ASSIGNED TASK:
Pictures are to be left out. Return exactly the lines below from the one with "Line((44, -38), (44, 38))" up to and including the one with "arc A0 (10, 14)".

Stored dataset items

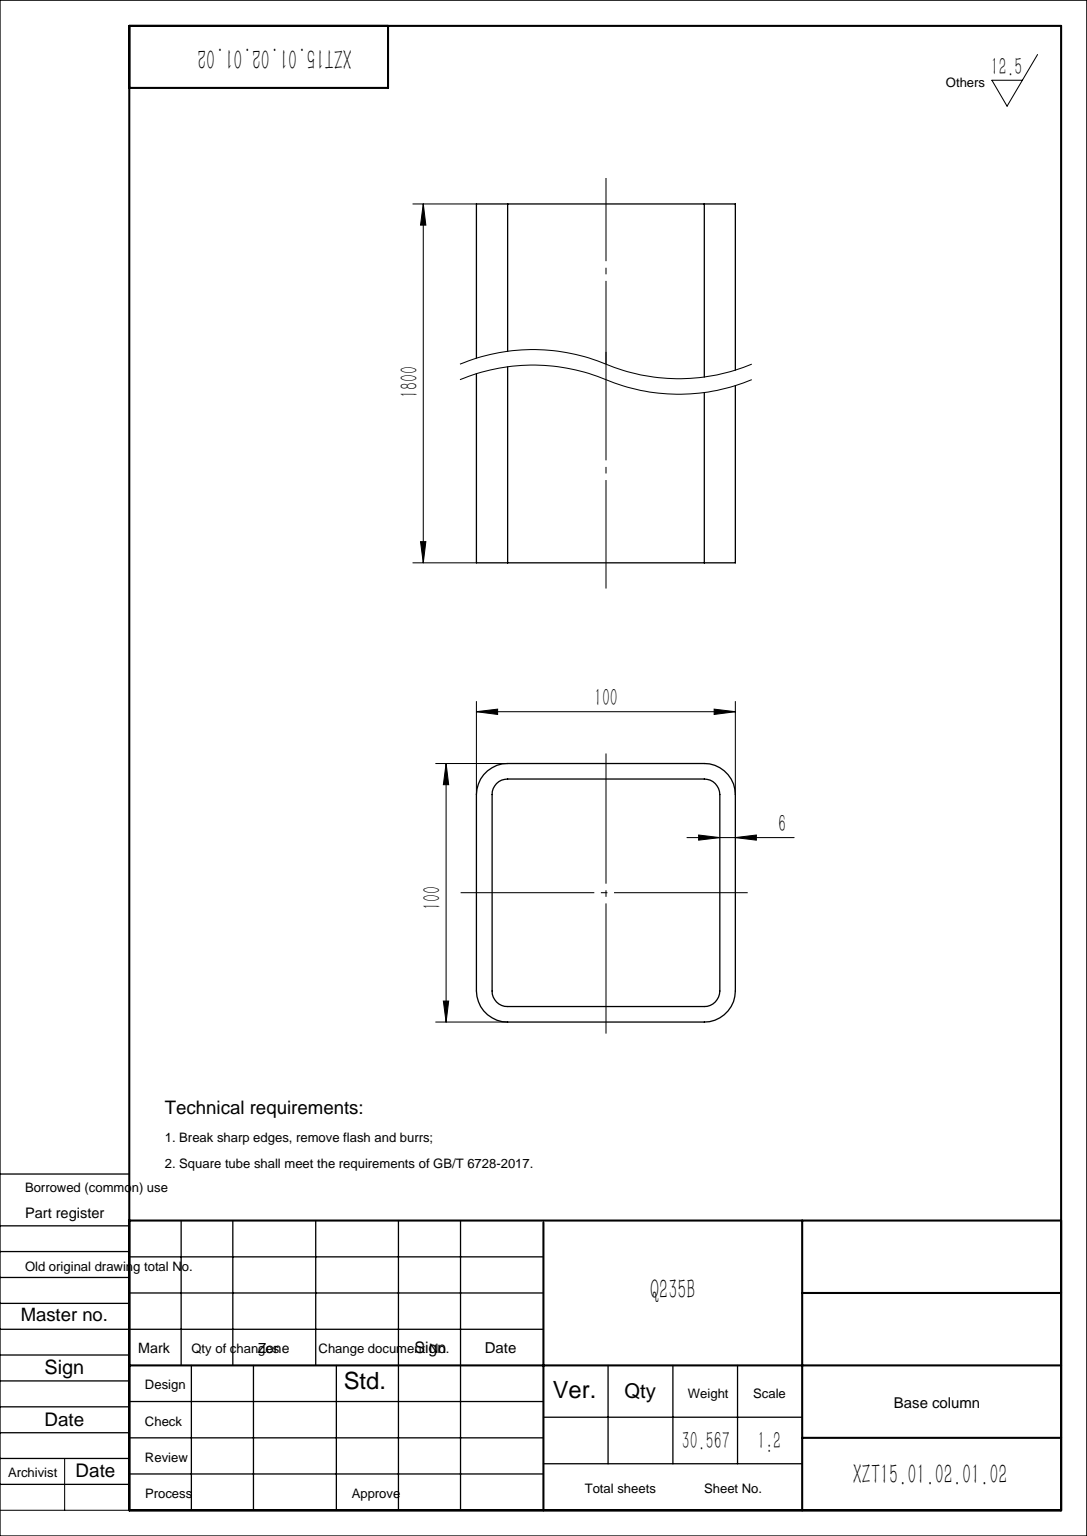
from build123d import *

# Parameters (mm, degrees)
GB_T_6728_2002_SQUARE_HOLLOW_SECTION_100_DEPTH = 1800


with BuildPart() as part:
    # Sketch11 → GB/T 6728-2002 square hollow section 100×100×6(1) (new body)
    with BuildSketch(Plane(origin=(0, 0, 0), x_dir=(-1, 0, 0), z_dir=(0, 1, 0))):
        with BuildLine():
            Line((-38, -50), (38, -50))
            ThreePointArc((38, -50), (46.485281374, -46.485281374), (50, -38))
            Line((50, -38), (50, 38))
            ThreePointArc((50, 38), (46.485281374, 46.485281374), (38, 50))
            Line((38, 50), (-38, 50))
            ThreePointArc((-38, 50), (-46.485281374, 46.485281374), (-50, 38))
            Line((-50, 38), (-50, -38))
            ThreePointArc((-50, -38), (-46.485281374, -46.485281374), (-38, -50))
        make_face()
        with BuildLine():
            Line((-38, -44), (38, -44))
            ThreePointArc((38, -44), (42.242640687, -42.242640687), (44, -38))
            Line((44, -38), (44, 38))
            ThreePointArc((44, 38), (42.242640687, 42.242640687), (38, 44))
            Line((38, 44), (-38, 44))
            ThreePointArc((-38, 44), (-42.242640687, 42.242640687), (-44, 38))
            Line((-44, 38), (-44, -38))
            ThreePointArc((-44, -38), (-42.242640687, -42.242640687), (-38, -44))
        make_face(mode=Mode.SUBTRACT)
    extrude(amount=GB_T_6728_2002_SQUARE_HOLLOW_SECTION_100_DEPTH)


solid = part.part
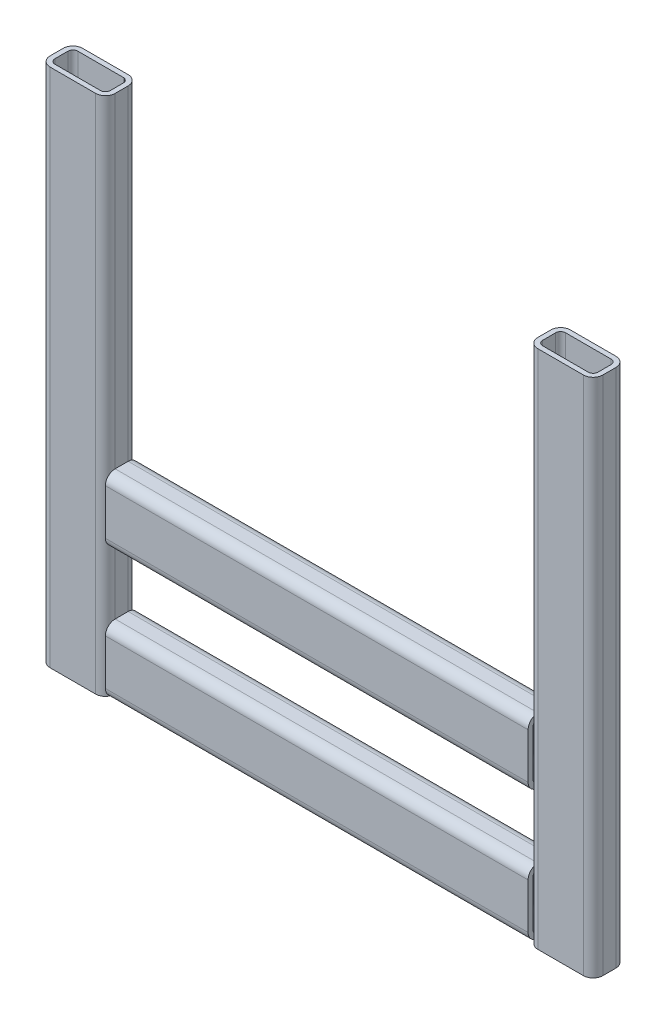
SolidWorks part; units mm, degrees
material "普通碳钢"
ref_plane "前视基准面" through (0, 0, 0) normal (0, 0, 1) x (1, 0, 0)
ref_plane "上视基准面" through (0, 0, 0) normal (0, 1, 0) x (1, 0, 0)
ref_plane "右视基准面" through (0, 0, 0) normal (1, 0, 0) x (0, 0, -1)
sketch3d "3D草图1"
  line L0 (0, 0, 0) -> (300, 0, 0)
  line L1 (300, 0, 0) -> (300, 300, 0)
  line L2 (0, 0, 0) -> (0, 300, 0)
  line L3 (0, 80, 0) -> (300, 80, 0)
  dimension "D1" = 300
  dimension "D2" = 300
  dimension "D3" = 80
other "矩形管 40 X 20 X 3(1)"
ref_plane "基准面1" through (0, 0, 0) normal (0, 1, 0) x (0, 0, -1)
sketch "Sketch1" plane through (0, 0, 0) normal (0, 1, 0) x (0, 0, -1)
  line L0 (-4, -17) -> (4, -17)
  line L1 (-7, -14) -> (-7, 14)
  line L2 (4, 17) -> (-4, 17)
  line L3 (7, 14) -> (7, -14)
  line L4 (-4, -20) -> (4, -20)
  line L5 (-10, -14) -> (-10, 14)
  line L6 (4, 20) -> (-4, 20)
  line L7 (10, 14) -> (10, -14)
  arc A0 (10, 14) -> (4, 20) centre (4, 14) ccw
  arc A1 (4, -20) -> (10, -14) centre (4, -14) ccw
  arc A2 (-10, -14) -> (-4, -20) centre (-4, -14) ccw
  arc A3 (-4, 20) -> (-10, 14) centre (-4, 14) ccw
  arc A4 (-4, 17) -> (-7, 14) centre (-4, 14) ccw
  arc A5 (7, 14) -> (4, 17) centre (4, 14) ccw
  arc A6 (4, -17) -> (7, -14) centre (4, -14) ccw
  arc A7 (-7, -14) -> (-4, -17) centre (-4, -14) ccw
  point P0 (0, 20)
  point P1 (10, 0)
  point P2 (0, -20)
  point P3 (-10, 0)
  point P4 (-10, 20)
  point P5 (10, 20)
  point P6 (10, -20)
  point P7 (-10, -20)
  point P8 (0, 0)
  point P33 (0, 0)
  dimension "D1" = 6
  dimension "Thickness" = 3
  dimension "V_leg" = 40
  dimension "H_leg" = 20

RESPONSE TO THE TASK:
            Line((44, -38), (44, 38))
            ThreePointArc((44, 38), (42.242640687, 42.242640687), (38, 44))
            Line((38, 44), (-38, 44))
            ThreePointArc((-38, 44), (-42.242640687, 42.242640687), (-44, 38))
            Line((-44, 38), (-44, -38))
            ThreePointArc((-44, -38), (-42.242640687, -42.242640687), (-38, -44))
        make_face(mode=Mode.SUBTRACT)
    extrude(amount=GB_T_6728_2002_SQUARE_HOLLOW_SECTION_100_DEPTH)


solid = part.part
SolidWorks part; units mm, degrees
material "普通碳钢"
ref_plane "前视基准面" through (0, 0, 0) normal (0, 0, 1) x (1, 0, 0)
ref_plane "上视基准面" through (0, 0, 0) normal (0, 1, 0) x (1, 0, 0)
ref_plane "右视基准面" through (0, 0, 0) normal (1, 0, 0) x (0, 0, -1)
sketch3d "3D草图1"
  line L0 (0, 0, 0) -> (300, 0, 0)
  line L1 (300, 0, 0) -> (300, 300, 0)
  line L2 (0, 0, 0) -> (0, 300, 0)
  line L3 (0, 80, 0) -> (300, 80, 0)
  dimension "D1" = 300
  dimension "D2" = 300
  dimension "D3" = 80
other "矩形管 40 X 20 X 3(1)"
ref_plane "基准面1" through (0, 0, 0) normal (0, 1, 0) x (0, 0, -1)
sketch "Sketch1" plane through (0, 0, 0) normal (0, 1, 0) x (0, 0, -1)
  line L0 (-4, -17) -> (4, -17)
  line L1 (-7, -14) -> (-7, 14)
  line L2 (4, 17) -> (-4, 17)
  line L3 (7, 14) -> (7, -14)
  line L4 (-4, -20) -> (4, -20)
  line L5 (-10, -14) -> (-10, 14)
  line L6 (4, 20) -> (-4, 20)
  line L7 (10, 14) -> (10, -14)
  arc A0 (10, 14) -> (4, 20) centre (4, 14) ccw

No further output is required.